**Exercise description:** Whenever a line below holds the word "range", copy that line.

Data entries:
● ● ●

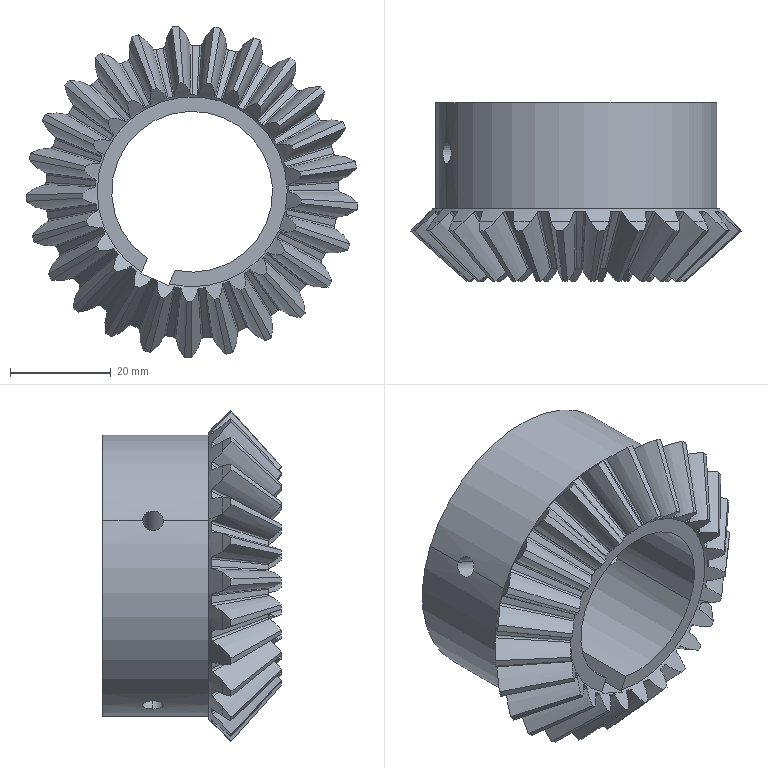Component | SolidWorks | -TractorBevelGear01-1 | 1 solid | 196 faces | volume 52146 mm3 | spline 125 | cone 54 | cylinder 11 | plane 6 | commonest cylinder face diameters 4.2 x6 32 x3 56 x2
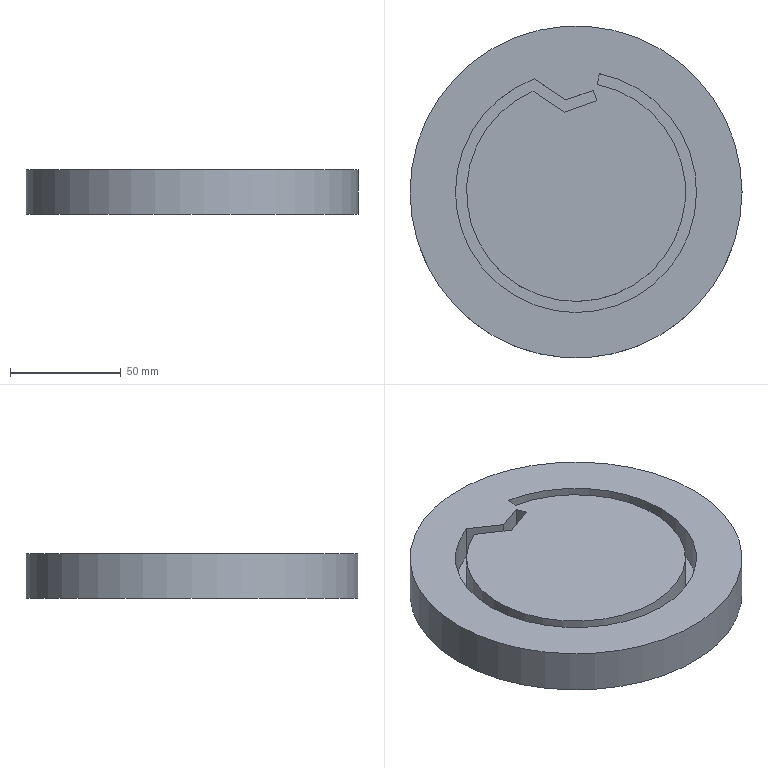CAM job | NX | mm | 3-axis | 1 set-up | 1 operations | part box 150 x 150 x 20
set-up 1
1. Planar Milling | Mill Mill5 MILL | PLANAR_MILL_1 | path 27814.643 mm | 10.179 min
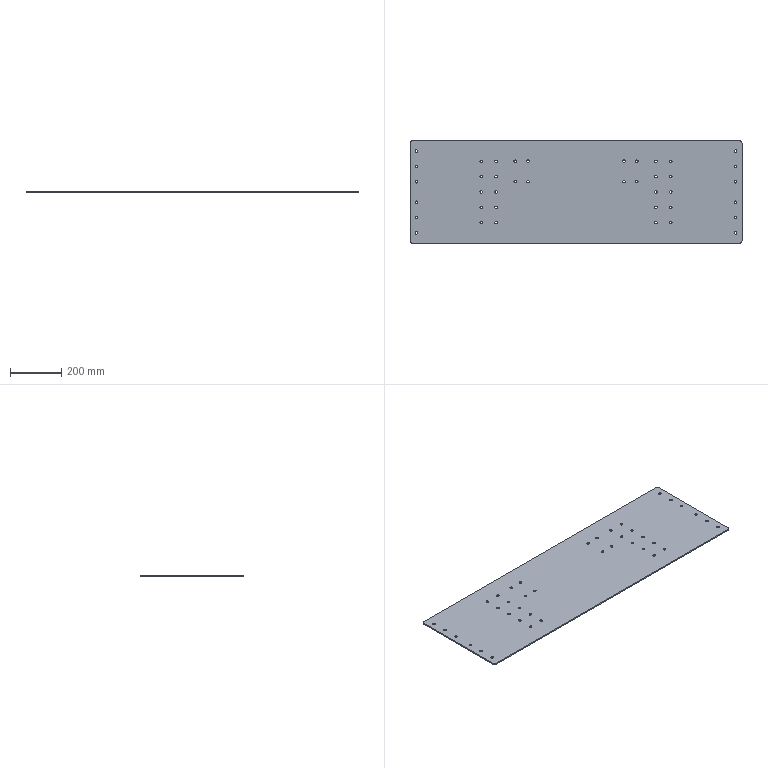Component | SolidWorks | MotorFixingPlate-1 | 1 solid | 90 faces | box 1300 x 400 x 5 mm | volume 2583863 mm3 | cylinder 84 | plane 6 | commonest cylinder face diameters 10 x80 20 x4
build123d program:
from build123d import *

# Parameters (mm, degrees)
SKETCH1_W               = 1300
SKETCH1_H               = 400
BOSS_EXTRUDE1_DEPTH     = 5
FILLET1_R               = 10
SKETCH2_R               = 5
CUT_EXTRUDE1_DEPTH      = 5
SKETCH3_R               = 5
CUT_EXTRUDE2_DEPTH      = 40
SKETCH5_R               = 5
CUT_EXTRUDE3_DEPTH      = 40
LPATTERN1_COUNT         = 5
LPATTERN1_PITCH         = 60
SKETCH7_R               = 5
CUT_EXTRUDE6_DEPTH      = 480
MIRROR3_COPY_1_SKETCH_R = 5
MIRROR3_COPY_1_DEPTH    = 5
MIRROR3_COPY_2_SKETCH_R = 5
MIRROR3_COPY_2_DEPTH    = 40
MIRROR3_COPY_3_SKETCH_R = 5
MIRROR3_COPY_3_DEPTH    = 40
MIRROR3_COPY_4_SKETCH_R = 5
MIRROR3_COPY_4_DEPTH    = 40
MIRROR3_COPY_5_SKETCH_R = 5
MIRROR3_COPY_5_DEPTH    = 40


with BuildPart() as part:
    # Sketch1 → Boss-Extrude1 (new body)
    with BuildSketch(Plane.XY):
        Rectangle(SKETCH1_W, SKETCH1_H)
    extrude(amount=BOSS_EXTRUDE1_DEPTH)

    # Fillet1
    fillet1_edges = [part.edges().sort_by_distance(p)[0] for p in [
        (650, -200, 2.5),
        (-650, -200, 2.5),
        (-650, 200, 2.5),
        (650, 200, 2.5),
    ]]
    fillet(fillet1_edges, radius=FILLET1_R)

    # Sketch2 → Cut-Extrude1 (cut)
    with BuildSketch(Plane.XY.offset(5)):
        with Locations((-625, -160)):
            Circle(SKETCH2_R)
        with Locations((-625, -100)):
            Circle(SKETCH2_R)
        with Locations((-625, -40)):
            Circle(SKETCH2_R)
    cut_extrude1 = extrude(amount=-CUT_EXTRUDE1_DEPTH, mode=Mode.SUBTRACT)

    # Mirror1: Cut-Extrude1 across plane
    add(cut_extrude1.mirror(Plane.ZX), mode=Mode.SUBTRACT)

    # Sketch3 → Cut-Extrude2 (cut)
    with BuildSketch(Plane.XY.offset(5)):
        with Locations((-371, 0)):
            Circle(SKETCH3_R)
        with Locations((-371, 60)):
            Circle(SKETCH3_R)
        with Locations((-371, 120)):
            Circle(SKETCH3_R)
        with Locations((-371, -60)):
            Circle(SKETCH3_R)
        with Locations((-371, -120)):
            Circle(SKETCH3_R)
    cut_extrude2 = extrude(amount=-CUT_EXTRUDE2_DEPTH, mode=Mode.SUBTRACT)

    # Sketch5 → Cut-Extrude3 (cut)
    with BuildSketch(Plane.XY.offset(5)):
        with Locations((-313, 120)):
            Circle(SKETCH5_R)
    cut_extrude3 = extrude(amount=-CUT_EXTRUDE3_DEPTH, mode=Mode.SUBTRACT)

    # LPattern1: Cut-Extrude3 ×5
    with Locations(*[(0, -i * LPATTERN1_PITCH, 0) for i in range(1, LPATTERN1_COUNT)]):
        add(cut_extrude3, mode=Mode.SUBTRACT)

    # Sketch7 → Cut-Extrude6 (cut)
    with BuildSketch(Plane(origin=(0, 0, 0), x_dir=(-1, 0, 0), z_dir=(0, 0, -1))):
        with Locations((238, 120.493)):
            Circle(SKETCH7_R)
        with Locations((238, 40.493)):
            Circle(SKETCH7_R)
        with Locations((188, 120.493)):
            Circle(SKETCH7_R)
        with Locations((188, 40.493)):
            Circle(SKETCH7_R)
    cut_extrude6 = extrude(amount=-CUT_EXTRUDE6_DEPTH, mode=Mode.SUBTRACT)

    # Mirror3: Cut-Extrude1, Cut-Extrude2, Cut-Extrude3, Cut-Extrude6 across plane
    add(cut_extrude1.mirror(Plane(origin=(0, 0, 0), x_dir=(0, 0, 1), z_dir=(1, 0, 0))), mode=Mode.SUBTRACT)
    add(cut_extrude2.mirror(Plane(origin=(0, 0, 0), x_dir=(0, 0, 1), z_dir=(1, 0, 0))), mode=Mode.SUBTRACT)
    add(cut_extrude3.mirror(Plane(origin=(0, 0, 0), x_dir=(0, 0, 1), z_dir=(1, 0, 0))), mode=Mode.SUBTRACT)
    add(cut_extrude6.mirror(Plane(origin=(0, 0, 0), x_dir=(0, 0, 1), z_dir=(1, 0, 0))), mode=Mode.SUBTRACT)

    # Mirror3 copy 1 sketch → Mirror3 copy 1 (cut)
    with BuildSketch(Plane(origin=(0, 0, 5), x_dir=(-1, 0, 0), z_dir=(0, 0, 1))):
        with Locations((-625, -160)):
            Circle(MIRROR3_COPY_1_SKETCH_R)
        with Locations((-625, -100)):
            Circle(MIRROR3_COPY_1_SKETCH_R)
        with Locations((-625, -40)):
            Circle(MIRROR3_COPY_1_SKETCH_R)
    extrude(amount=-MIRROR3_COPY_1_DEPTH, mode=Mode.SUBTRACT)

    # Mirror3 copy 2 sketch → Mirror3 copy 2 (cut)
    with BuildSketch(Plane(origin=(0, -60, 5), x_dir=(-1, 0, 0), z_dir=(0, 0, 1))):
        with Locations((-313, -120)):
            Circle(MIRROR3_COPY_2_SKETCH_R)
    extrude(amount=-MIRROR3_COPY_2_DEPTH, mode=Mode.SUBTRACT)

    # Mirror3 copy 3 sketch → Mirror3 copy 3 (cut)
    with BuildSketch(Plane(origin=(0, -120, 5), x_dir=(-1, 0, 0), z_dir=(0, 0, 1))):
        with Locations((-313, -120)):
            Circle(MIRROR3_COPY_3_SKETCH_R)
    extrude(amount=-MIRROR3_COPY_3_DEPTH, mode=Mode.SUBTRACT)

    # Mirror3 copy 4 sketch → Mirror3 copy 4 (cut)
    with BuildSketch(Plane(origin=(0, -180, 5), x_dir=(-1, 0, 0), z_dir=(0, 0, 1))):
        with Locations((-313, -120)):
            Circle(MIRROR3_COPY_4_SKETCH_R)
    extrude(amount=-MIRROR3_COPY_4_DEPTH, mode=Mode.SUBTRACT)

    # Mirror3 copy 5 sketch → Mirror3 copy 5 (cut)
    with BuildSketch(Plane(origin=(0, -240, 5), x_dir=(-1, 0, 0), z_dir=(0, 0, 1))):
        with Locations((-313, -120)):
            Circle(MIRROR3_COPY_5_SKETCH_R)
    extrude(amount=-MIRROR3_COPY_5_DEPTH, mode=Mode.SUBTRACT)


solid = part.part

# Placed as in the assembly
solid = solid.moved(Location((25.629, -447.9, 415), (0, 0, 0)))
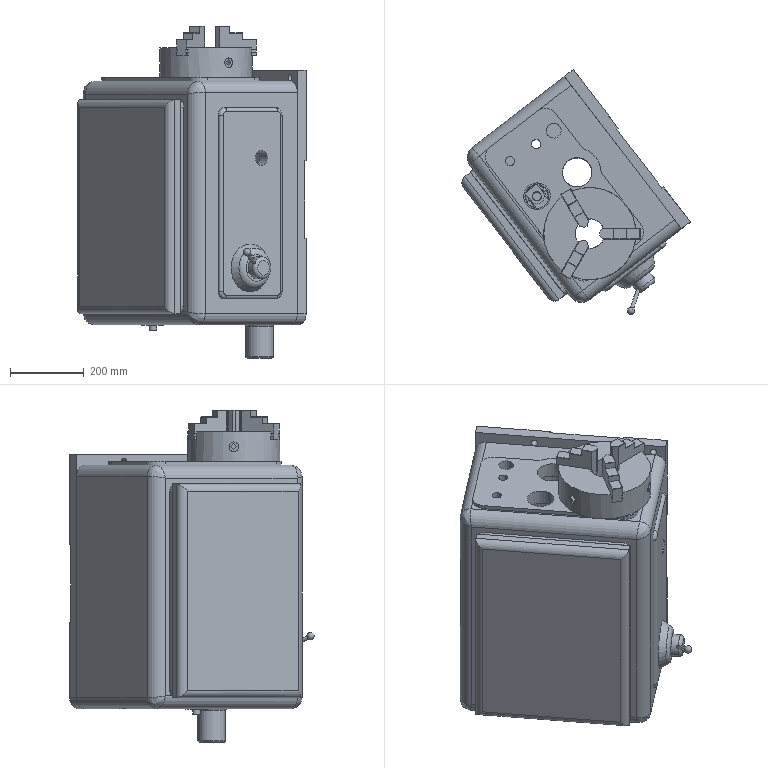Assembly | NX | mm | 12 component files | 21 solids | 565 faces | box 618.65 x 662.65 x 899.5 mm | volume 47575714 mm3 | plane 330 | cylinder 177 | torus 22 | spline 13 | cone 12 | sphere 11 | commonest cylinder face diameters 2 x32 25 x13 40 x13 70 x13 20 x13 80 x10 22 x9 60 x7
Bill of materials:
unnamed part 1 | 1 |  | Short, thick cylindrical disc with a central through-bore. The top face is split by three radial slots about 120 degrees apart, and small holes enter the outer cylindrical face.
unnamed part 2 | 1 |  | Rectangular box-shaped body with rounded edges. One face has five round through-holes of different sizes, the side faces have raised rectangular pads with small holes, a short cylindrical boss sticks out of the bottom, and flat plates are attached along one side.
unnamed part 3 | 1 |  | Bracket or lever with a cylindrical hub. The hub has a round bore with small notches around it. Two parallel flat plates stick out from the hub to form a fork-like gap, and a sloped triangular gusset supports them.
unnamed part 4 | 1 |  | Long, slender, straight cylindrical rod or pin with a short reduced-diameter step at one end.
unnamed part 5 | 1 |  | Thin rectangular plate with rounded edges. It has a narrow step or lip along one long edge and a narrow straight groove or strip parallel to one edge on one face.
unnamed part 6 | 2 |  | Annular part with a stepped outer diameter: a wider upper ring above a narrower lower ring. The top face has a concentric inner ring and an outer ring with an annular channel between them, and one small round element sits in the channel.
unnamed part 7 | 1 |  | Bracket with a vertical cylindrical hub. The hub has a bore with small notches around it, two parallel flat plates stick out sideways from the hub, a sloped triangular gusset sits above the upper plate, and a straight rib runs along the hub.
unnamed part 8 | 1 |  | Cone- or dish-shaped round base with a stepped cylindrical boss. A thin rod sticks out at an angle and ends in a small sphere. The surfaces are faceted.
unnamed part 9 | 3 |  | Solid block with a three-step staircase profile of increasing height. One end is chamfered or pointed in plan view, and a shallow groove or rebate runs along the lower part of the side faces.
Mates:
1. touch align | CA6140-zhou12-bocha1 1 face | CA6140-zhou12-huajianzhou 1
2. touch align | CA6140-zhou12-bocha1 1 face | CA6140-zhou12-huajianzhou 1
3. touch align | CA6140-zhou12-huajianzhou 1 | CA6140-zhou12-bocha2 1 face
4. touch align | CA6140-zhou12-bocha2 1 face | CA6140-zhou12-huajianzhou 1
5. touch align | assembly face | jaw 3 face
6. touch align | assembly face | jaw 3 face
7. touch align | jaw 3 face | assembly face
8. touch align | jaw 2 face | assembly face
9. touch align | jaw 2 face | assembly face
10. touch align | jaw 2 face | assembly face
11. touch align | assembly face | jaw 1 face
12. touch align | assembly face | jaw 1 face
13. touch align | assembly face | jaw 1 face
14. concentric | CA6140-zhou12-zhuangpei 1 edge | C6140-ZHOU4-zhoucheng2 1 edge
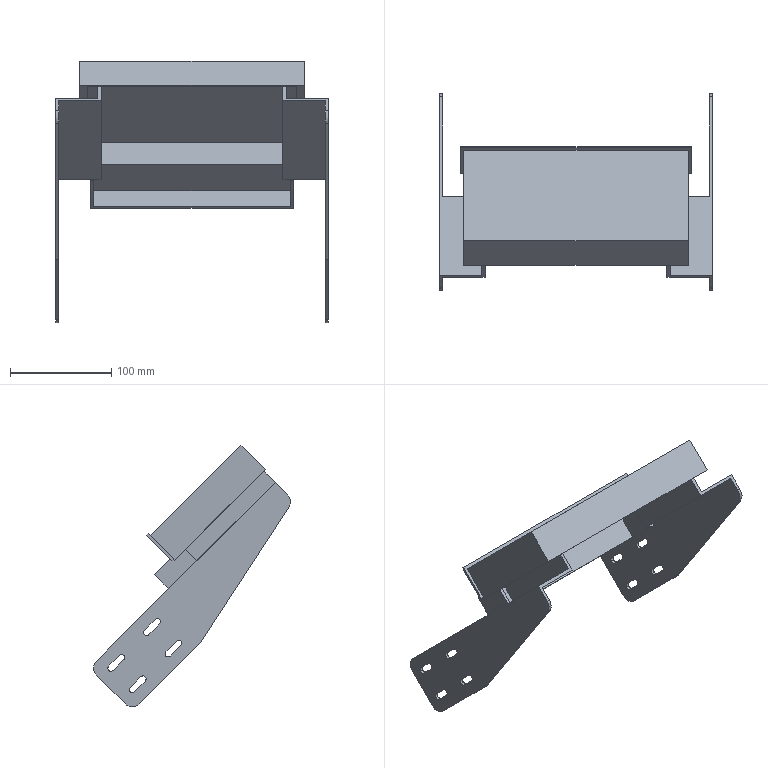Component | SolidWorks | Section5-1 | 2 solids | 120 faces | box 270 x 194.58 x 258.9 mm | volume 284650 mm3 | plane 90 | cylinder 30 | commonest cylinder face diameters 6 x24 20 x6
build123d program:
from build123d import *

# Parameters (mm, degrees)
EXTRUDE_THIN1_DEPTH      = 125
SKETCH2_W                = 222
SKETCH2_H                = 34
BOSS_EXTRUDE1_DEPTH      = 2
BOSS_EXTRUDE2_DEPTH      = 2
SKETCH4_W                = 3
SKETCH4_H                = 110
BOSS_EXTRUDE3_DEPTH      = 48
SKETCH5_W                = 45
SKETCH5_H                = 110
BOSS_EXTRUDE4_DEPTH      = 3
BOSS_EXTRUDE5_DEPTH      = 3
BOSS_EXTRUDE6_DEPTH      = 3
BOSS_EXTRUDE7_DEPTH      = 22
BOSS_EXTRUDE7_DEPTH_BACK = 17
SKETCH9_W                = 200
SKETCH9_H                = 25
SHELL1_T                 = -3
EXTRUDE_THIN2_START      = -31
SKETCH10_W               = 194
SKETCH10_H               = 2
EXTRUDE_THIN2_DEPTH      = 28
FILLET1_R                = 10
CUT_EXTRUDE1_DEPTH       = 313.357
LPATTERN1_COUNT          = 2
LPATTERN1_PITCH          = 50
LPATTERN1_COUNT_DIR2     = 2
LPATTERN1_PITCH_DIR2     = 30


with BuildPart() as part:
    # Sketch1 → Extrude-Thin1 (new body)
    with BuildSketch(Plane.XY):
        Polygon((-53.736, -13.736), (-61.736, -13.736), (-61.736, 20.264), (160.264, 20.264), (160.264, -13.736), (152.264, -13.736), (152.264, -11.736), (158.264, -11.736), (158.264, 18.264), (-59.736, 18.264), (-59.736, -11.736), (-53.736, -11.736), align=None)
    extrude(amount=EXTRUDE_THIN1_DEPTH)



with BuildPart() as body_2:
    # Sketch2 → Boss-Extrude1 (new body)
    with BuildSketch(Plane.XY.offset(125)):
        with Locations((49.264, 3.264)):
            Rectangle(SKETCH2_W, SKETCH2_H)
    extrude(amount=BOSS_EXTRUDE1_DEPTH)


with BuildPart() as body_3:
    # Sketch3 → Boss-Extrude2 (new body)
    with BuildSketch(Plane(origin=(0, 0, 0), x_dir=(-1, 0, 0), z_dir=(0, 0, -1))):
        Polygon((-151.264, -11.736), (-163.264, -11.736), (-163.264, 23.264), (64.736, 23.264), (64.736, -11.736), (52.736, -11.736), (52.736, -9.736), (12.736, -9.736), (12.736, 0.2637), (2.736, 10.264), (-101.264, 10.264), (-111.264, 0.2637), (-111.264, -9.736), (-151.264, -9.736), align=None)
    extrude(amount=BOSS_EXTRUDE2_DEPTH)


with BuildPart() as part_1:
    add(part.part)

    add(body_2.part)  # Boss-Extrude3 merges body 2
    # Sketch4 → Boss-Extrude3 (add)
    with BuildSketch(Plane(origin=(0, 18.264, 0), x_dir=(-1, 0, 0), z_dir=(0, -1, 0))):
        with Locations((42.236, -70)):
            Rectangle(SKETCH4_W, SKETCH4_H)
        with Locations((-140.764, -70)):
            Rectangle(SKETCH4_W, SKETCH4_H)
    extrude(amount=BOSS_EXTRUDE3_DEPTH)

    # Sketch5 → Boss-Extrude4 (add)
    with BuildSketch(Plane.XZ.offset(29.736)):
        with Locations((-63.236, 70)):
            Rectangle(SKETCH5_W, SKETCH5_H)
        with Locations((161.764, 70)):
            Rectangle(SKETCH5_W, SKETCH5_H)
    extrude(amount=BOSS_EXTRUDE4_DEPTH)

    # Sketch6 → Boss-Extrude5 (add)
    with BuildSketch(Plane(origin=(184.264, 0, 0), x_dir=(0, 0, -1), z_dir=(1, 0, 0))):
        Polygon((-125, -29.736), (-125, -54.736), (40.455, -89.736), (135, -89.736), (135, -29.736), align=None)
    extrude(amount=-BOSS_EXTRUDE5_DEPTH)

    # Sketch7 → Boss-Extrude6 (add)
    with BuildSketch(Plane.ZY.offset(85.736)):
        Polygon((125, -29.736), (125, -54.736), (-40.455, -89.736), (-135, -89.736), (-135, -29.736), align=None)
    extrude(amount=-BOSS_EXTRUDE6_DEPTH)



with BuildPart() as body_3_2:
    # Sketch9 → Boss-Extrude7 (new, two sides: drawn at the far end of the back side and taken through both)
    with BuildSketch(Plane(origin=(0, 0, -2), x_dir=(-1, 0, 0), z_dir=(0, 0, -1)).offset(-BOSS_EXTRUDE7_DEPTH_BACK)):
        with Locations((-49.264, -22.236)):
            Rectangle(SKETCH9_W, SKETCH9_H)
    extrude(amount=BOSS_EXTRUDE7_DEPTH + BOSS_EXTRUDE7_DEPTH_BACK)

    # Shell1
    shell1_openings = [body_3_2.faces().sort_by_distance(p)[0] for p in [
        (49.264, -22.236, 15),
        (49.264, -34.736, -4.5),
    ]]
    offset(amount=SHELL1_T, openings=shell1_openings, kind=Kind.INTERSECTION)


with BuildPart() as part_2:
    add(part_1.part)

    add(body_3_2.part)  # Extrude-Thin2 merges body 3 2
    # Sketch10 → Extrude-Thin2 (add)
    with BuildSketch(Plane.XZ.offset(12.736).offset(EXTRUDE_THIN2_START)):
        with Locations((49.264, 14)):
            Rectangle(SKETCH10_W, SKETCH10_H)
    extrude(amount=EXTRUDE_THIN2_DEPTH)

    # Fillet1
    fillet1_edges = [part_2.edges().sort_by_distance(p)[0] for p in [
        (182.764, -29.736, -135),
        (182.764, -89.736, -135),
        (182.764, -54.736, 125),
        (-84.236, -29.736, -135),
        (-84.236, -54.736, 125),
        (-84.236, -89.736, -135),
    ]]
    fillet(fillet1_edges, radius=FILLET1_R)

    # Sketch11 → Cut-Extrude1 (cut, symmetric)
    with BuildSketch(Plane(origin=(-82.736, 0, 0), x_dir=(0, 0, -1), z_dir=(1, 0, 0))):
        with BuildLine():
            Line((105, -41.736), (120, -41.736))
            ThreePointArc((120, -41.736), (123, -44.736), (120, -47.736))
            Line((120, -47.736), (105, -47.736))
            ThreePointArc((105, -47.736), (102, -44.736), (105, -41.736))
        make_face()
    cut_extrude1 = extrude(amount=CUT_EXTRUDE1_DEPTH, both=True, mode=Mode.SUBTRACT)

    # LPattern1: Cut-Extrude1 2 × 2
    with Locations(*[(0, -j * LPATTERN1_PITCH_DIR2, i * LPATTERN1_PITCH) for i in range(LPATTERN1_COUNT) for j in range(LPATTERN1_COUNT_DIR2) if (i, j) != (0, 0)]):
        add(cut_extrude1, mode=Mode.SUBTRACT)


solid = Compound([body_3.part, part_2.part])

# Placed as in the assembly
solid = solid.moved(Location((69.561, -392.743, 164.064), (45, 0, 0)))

● ● ●

**Reply to the exercise:**
    with Locations(*[(0, -i * LPATTERN1_PITCH, 0) for i in range(1, LPATTERN1_COUNT)]):
    with Locations(*[(0, -j * LPATTERN1_PITCH_DIR2, i * LPATTERN1_PITCH) for i in range(LPATTERN1_COUNT) for j in range(LPATTERN1_COUNT_DIR2) if (i, j) != (0, 0)]):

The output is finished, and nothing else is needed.